▶ [What is being asked]: Look at every line of the material below and tally those containing "inside". Reply with the total alone.

▶ [Dataset entries]:
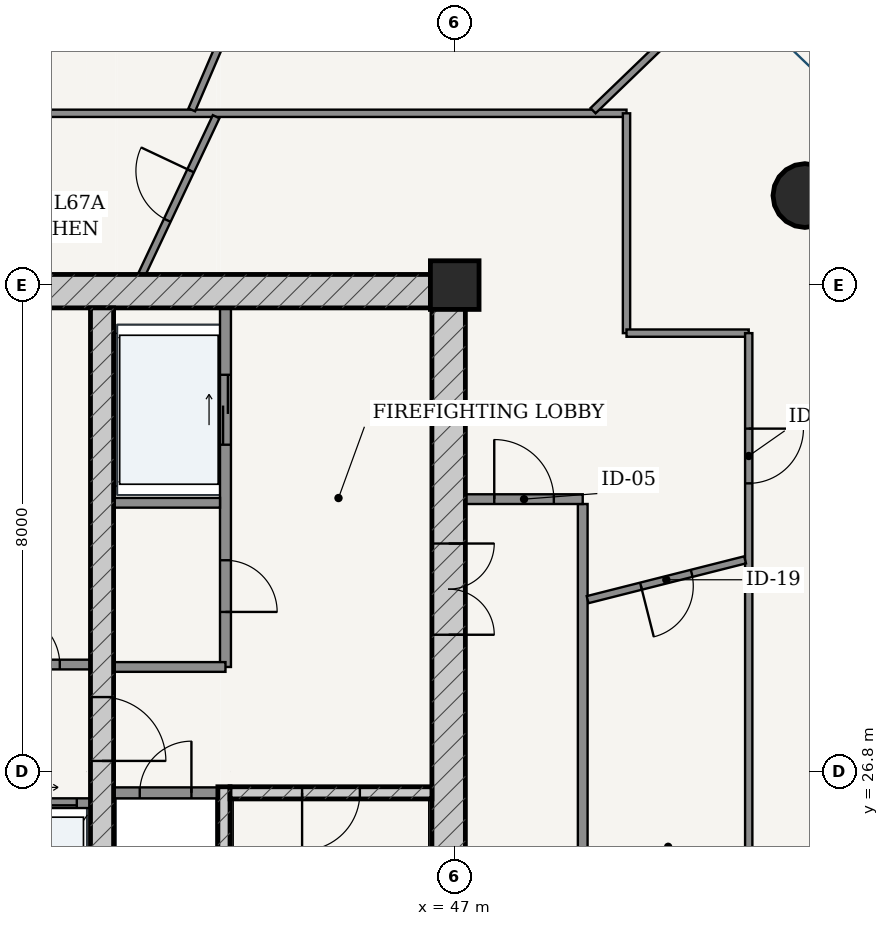
"""IFC4 building model, lengths in metres.
Left out: names, types, materials, properties, quantities, classifications, styles, units other than length and angle.
Written with IfcOpenShell. Run it as: python <this file> out.ifc"""

import sys

from ifc_helpers import new_model, si_unit, direction, frame, frame_2d, origin, origin_2d, place, context, subcontext, project, spatial, rectangle, hollow_circle, extrude, source, transform, mapped, element, fill, save


model = new_model("IFC4")
c1 = context("Model", 3, precision=1e-05, world=origin(), true_north=direction((-0.2419218956, 0.970295726276)))
c2 = subcontext(c1, "Body", "Model", "MODEL_VIEW")
j1 = project(units=[si_unit("LENGTHUNIT", "METRE"), si_unit("PLANEANGLEUNIT", "RADIAN")], contexts=[c1])
p1 = place(None, origin())
s1 = spatial("IfcSite", under=j1, at=p1, CompositionType="ELEMENT")
p2 = place(p1, origin())
s2 = spatial("IfcBuilding", under=s1, at=p2, CompositionType="ELEMENT")
p3 = place(p2, frame((0.0, 0.0, 255.7)))
s3 = spatial("IfcBuildingStorey", under=s2, at=p3, CompositionType="ELEMENT", Elevation=255.7)
p4 = place(p3, frame((47.0, 34.8, 0.0), z_axis=(0.0, 0.0, 1.0), x_axis=(1.0, 0.0, 0.0)))
e1 = element("IfcColumn", 1, at=p4, inside=s3, PredefinedType="COLUMN", context=c2, shape_type="SweptSolid", body=[
    extrude(rectangle(XDim=0.8, YDim=0.8, at=origin_2d()), origin(), (0.0, 0.0, 1.0), 3.75),
])
p5 = place(p3, frame((28.825, 34.7, 0.0), z_axis=(0.0, 0.0, 1.0), x_axis=(1.0, 0.0, 0.0)))
e2 = element("IfcWall", 2, at=p5, inside=s3, PredefinedType="SHEAR", context=c2, shape_type="SweptSolid", body=[
    extrude(rectangle(XDim=18.35, YDim=0.55, at=frame_2d((9.175, 0.0))), origin(), (0.0, 0.0, 1.0), 3.49),
])
p6 = place(p3, frame((46.9, 19.175, 0.0), z_axis=(0.0, 0.0, 1.0), x_axis=(0.0, 1.0, 0.0)))
e3 = element("IfcWall", 3, at=p6, inside=s3, PredefinedType="SHEAR", context=c2, shape_type="SweptSolid", body=[
    extrude(rectangle(XDim=15.25, YDim=0.55, at=frame_2d((7.625, 0.0))), origin(), (0.0, 0.0, 1.0), 3.49),
])
p7 = place(p6, frame((9.875, 0.0, 0.0)))
e4 = element("IfcOpeningElement", 4, at=p7, cuts=e3, PredefinedType="OPENING", context=c2, shape_type="SweptSolid", body=[
    extrude(rectangle(XDim=1.5, YDim=2.2, at=frame_2d((0.75, 1.1))), frame((0.0, 0.285, 0.0), z_axis=(0.0, -1.0, 0.0), x_axis=(1.0, 0.0, 0.0)), (0.0, 0.0, 1.0), 0.57),
])
p8 = place(p3, frame((43.205, 19.175, 0.0), z_axis=(0.0, 0.0, 1.0), x_axis=(0.0, 1.0, 0.0)))
e5 = element("IfcWall", 5, at=p8, inside=s3, PredefinedType="SOLIDWALL", context=c2, shape_type="SweptSolid", body=[
    extrude(rectangle(XDim=7.375, YDim=0.2, at=frame_2d((3.688, 0.0))), origin(), (0.0, 0.0, 1.0), 3.49),
])
p9 = place(p3, frame((43.305, 26.45, 0.0), z_axis=(0.0, 0.0, 1.0), x_axis=(1.0, 0.0, 0.0)))
e6 = element("IfcWall", 6, at=p9, inside=s3, PredefinedType="SOLIDWALL", context=c2, shape_type="SweptSolid", body=[
    extrude(rectangle(XDim=3.32, YDim=0.2, at=frame_2d((1.66, 0.0))), origin(), (0.0, 0.0, 1.0), 3.49),
])
p10 = place(p9, frame((1.185, 0.0, 0.0)))
e7 = element("IfcOpeningElement", 7, at=p10, cuts=e6, PredefinedType="OPENING", context=c2, shape_type="SweptSolid", body=[
    extrude(rectangle(XDim=0.95, YDim=2.15, at=frame_2d((0.475, 1.075))), frame((0.0, 0.11, 0.0), z_axis=(0.0, -1.0, 0.0), x_axis=(1.0, 0.0, 0.0)), (0.0, 0.0, 1.0), 0.22),
])
p11 = place(p3, frame((41.2, 19.175, 0.0), z_axis=(0.0, 0.0, 1.0), x_axis=(0.0, 1.0, 0.0)))
e8 = element("IfcWall", 8, at=p11, inside=s3, PredefinedType="SHEAR", context=c2, shape_type="SweptSolid", body=[
    extrude(rectangle(XDim=15.25, YDim=0.38, at=frame_2d((7.625, 0.0))), origin(), (0.0, 0.0, 1.0), 3.49),
])
p12 = place(p11, frame((7.8, 0.0, 0.0)))
e9 = element("IfcOpeningElement", 9, at=p12, cuts=e8, PredefinedType="OPENING", context=c2, shape_type="SweptSolid", body=[
    extrude(rectangle(XDim=1.05, YDim=2.15, at=frame_2d((0.525, 1.075))), frame((0.0, 0.2, 0.0), z_axis=(0.0, -1.0, 0.0), x_axis=(1.0, 0.0, 0.0)), (0.0, 0.0, 1.0), 0.4),
])
p13 = place(p3, frame((52.759, 36.272, 0.0), z_axis=(0.0, 0.0, 1.0), x_axis=(1.0, 0.0, 0.0)))
e10 = element("IfcColumn", 10, at=p13, inside=s3, PredefinedType="COLUMN", context=c2, shape_type="SweptSolid", body=[
    extrude(hollow_circle(Radius=0.525, WallThickness=0.035, at=origin_2d()), origin(), (0.0, 0.0, 1.0), 3.75),
])
p14 = place(p3, frame((41.39, 26.45, 0.0), z_axis=(0.0, 0.0, 1.0), x_axis=(1.0, 0.0, 0.0)))
e11 = element("IfcWall", 11, at=p14, inside=s3, PredefinedType="PARTITIONING", context=c2, shape_type="SweptSolid", body=[
    extrude(rectangle(XDim=1.71, YDim=0.18, at=frame_2d((0.855, 0.0))), origin(), (0.0, 0.0, 1.0), 3.49),
])
p15 = place(p14, frame((0.43, 0.0, 0.0)))
e12 = element("IfcOpeningElement", 12, at=p15, cuts=e11, PredefinedType="OPENING", context=c2, shape_type="SweptSolid", body=[
    extrude(rectangle(XDim=0.85, YDim=2.1, at=frame_2d((0.425, 1.05))), frame((0.0, 0.1, 0.0), z_axis=(0.0, -1.0, 0.0), x_axis=(1.0, 0.0, 0.0)), (0.0, 0.0, 1.0), 0.2),
])
p16 = place(p3, frame((43.23, 28.52, 0.0), z_axis=(0.0, 0.0, 1.0), x_axis=(0.0, 1.0, 0.0)))
e13 = element("IfcWall", 13, at=p16, inside=s3, PredefinedType="PARTITIONING", context=c2, shape_type="SweptSolid", body=[
    extrude(rectangle(XDim=5.905, YDim=0.18, at=frame_2d((2.953, 0.0))), origin(), (0.0, 0.0, 1.0), 3.49),
])
p17 = place(p16, frame((0.905, 0.0, 0.0)))
e14 = element("IfcOpeningElement", 14, at=p17, cuts=e13, PredefinedType="OPENING", context=c2, shape_type="SweptSolid", body=[
    extrude(rectangle(XDim=0.85, YDim=2.1, at=frame_2d((0.425, 1.05))), frame((0.0, 0.1, 0.0), z_axis=(0.0, -1.0, 0.0), x_axis=(1.0, 0.0, 0.0)), (0.0, 0.0, 1.0), 0.2),
])
p18 = place(p16, frame((3.655, 0.0, 0.0)))
e15 = element("IfcOpeningElement", 15, at=p18, cuts=e13, PredefinedType="OPENING", context=c2, shape_type="SweptSolid", body=[
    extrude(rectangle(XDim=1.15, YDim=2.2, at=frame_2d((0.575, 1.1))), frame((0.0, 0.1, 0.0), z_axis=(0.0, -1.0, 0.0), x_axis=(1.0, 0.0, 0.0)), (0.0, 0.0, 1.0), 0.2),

▶ [Answer below]: 9